Required action: The expected output is the line bearing "#2=VERTEX_POINT('',#1);" followed by all remaining lines of the records, each restated word for word.

[Opening Material provided section]

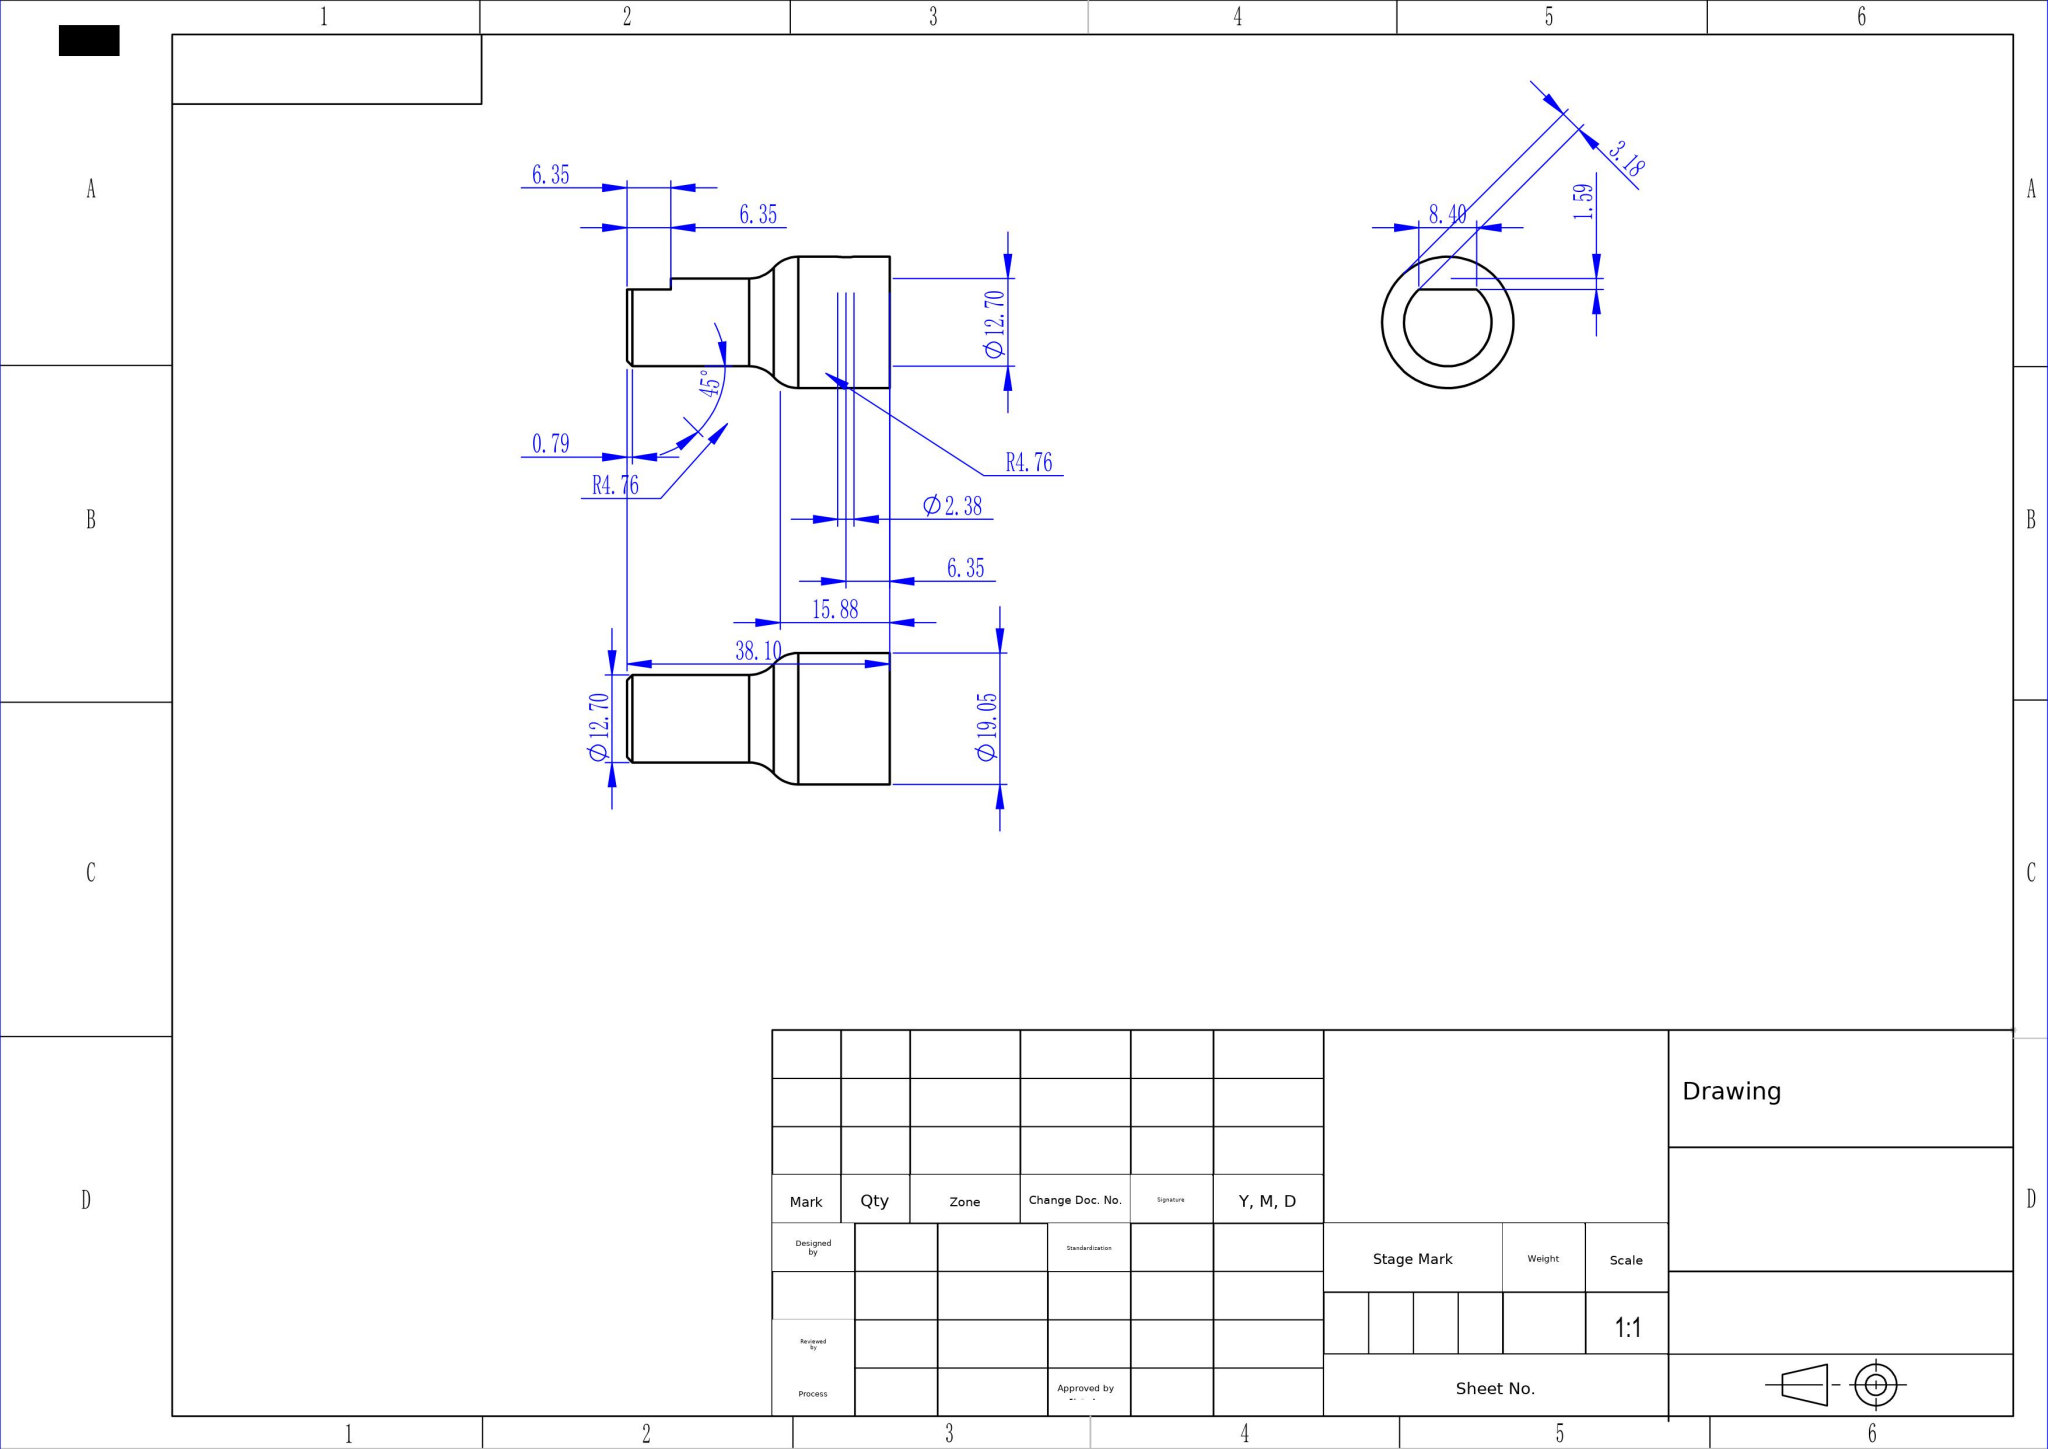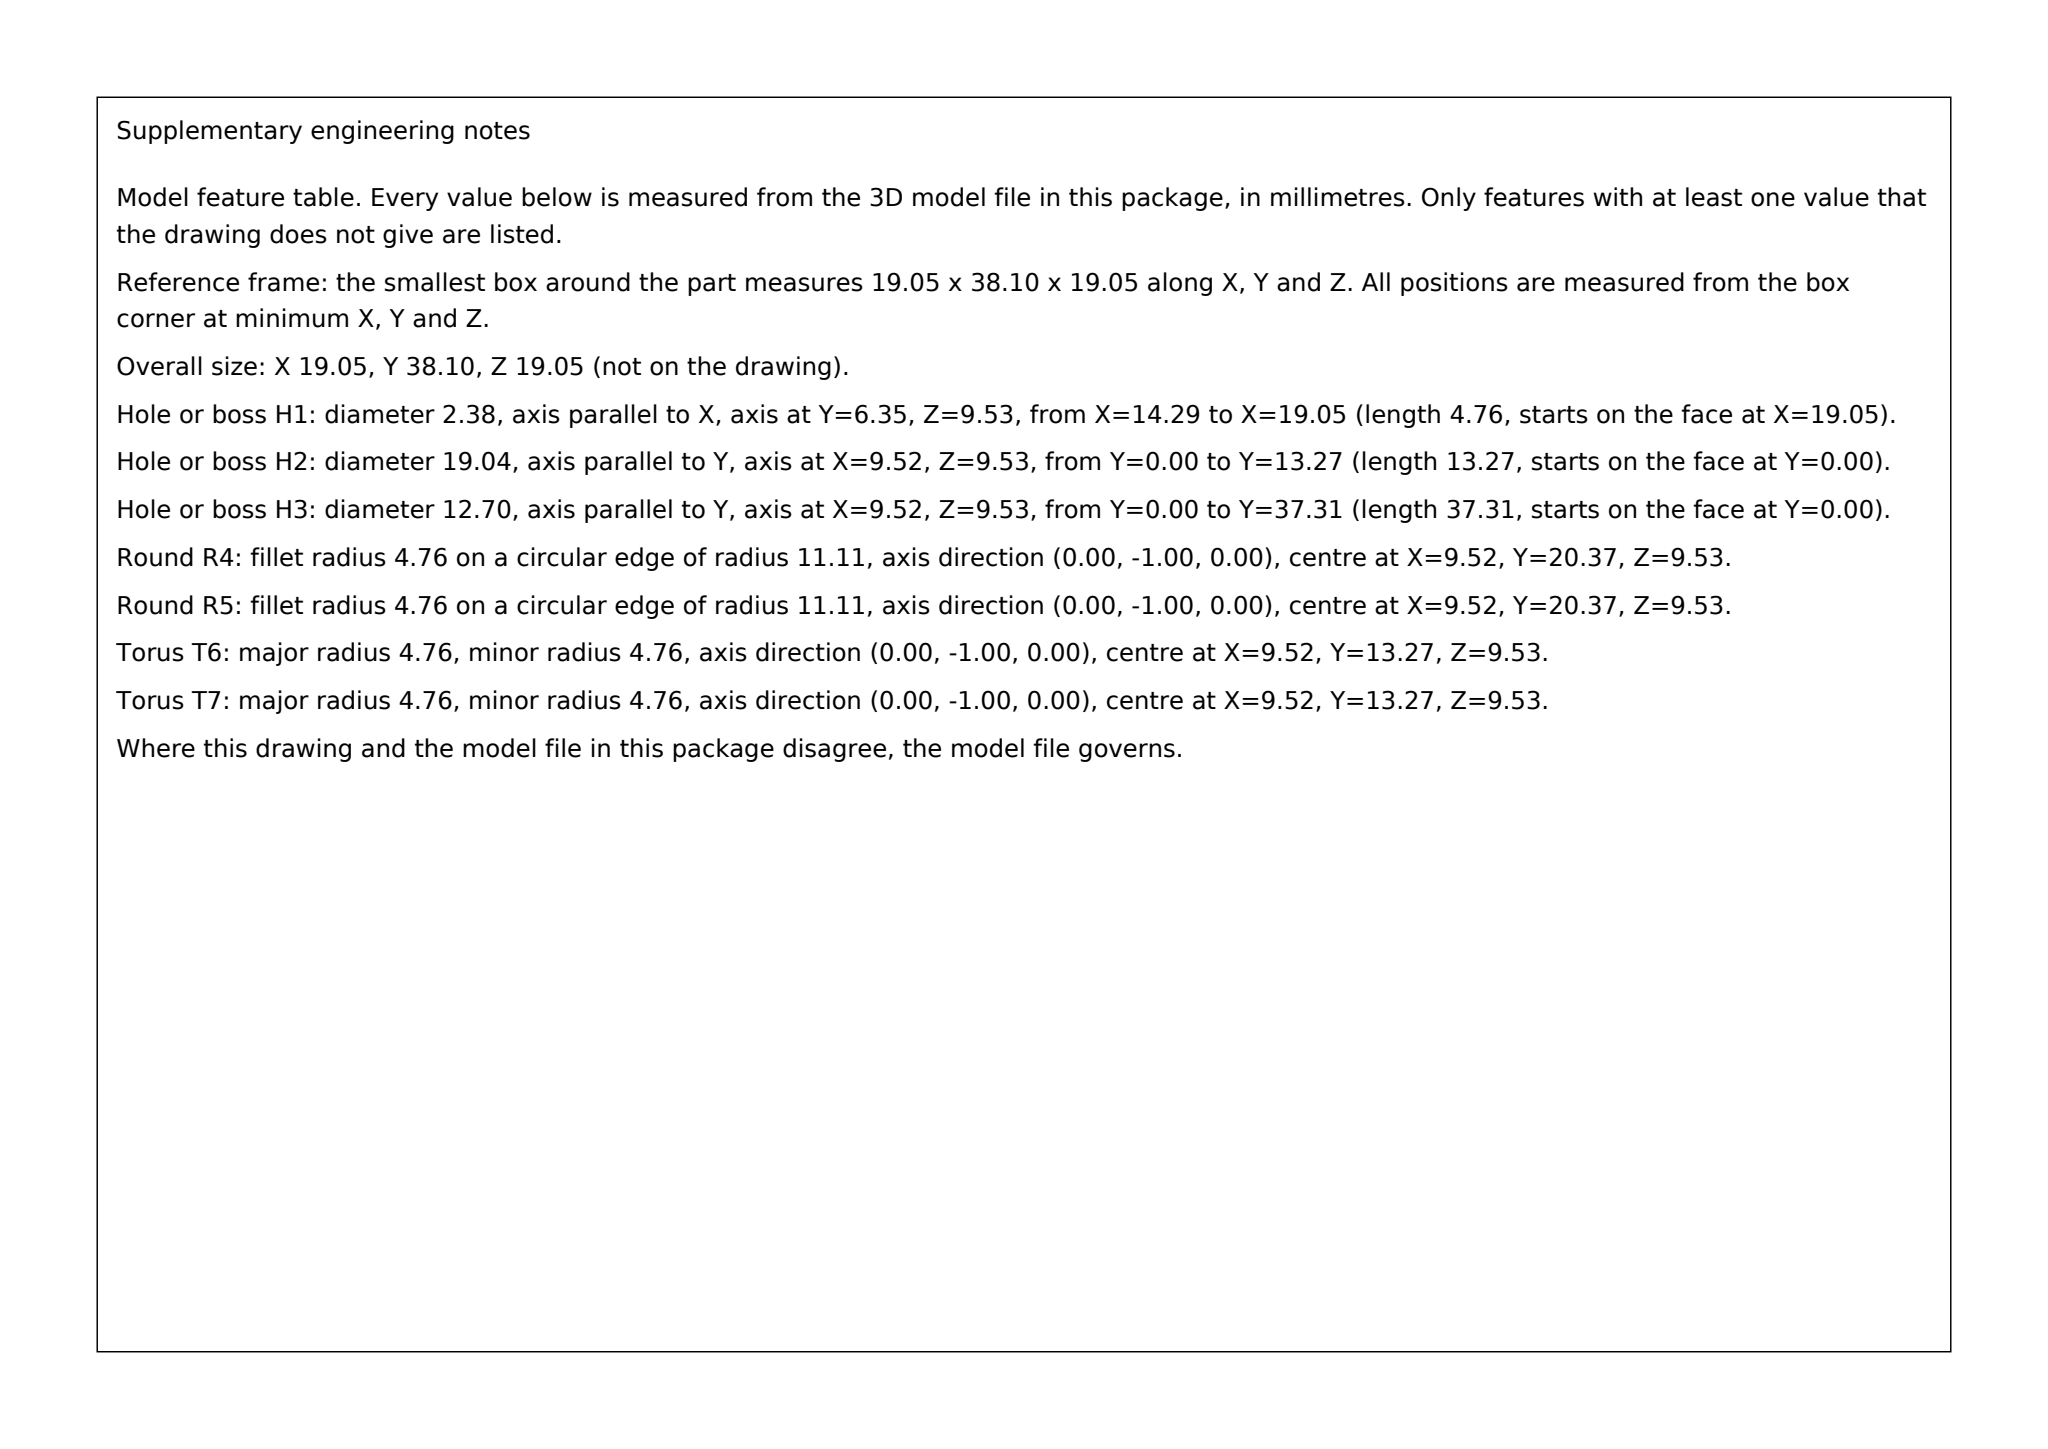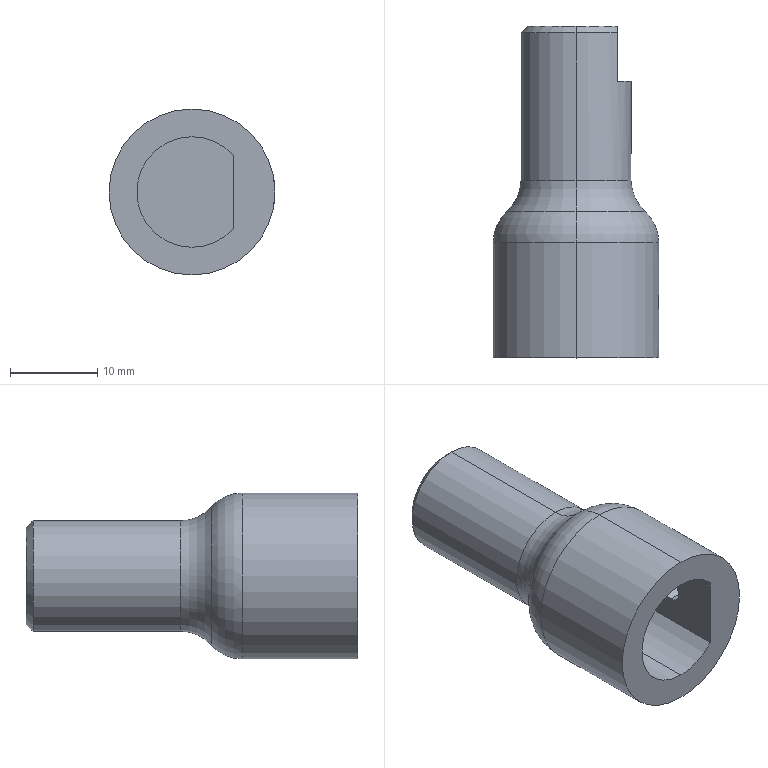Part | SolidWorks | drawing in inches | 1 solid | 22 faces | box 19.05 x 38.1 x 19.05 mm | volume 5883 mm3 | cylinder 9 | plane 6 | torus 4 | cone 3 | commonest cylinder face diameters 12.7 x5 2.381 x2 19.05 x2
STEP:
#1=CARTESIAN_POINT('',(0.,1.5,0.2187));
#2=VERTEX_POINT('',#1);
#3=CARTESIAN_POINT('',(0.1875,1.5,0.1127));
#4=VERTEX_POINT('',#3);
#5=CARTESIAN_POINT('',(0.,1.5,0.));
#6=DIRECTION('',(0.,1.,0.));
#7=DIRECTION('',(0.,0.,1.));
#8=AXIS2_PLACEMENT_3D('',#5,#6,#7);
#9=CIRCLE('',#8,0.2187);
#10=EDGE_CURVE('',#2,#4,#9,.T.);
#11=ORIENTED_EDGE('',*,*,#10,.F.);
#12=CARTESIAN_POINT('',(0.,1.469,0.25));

[Closing Material provided section]

Answer to this exercise:
#2=VERTEX_POINT('',#1);
#3=CARTESIAN_POINT('',(0.1875,1.5,0.1127));
#4=VERTEX_POINT('',#3);
#5=CARTESIAN_POINT('',(0.,1.5,0.));
#6=DIRECTION('',(0.,1.,0.));
#7=DIRECTION('',(0.,0.,1.));
#8=AXIS2_PLACEMENT_3D('',#5,#6,#7);
#9=CIRCLE('',#8,0.2187);
#10=EDGE_CURVE('',#2,#4,#9,.T.);
#11=ORIENTED_EDGE('',*,*,#10,.F.);
#12=CARTESIAN_POINT('',(0.,1.469,0.25));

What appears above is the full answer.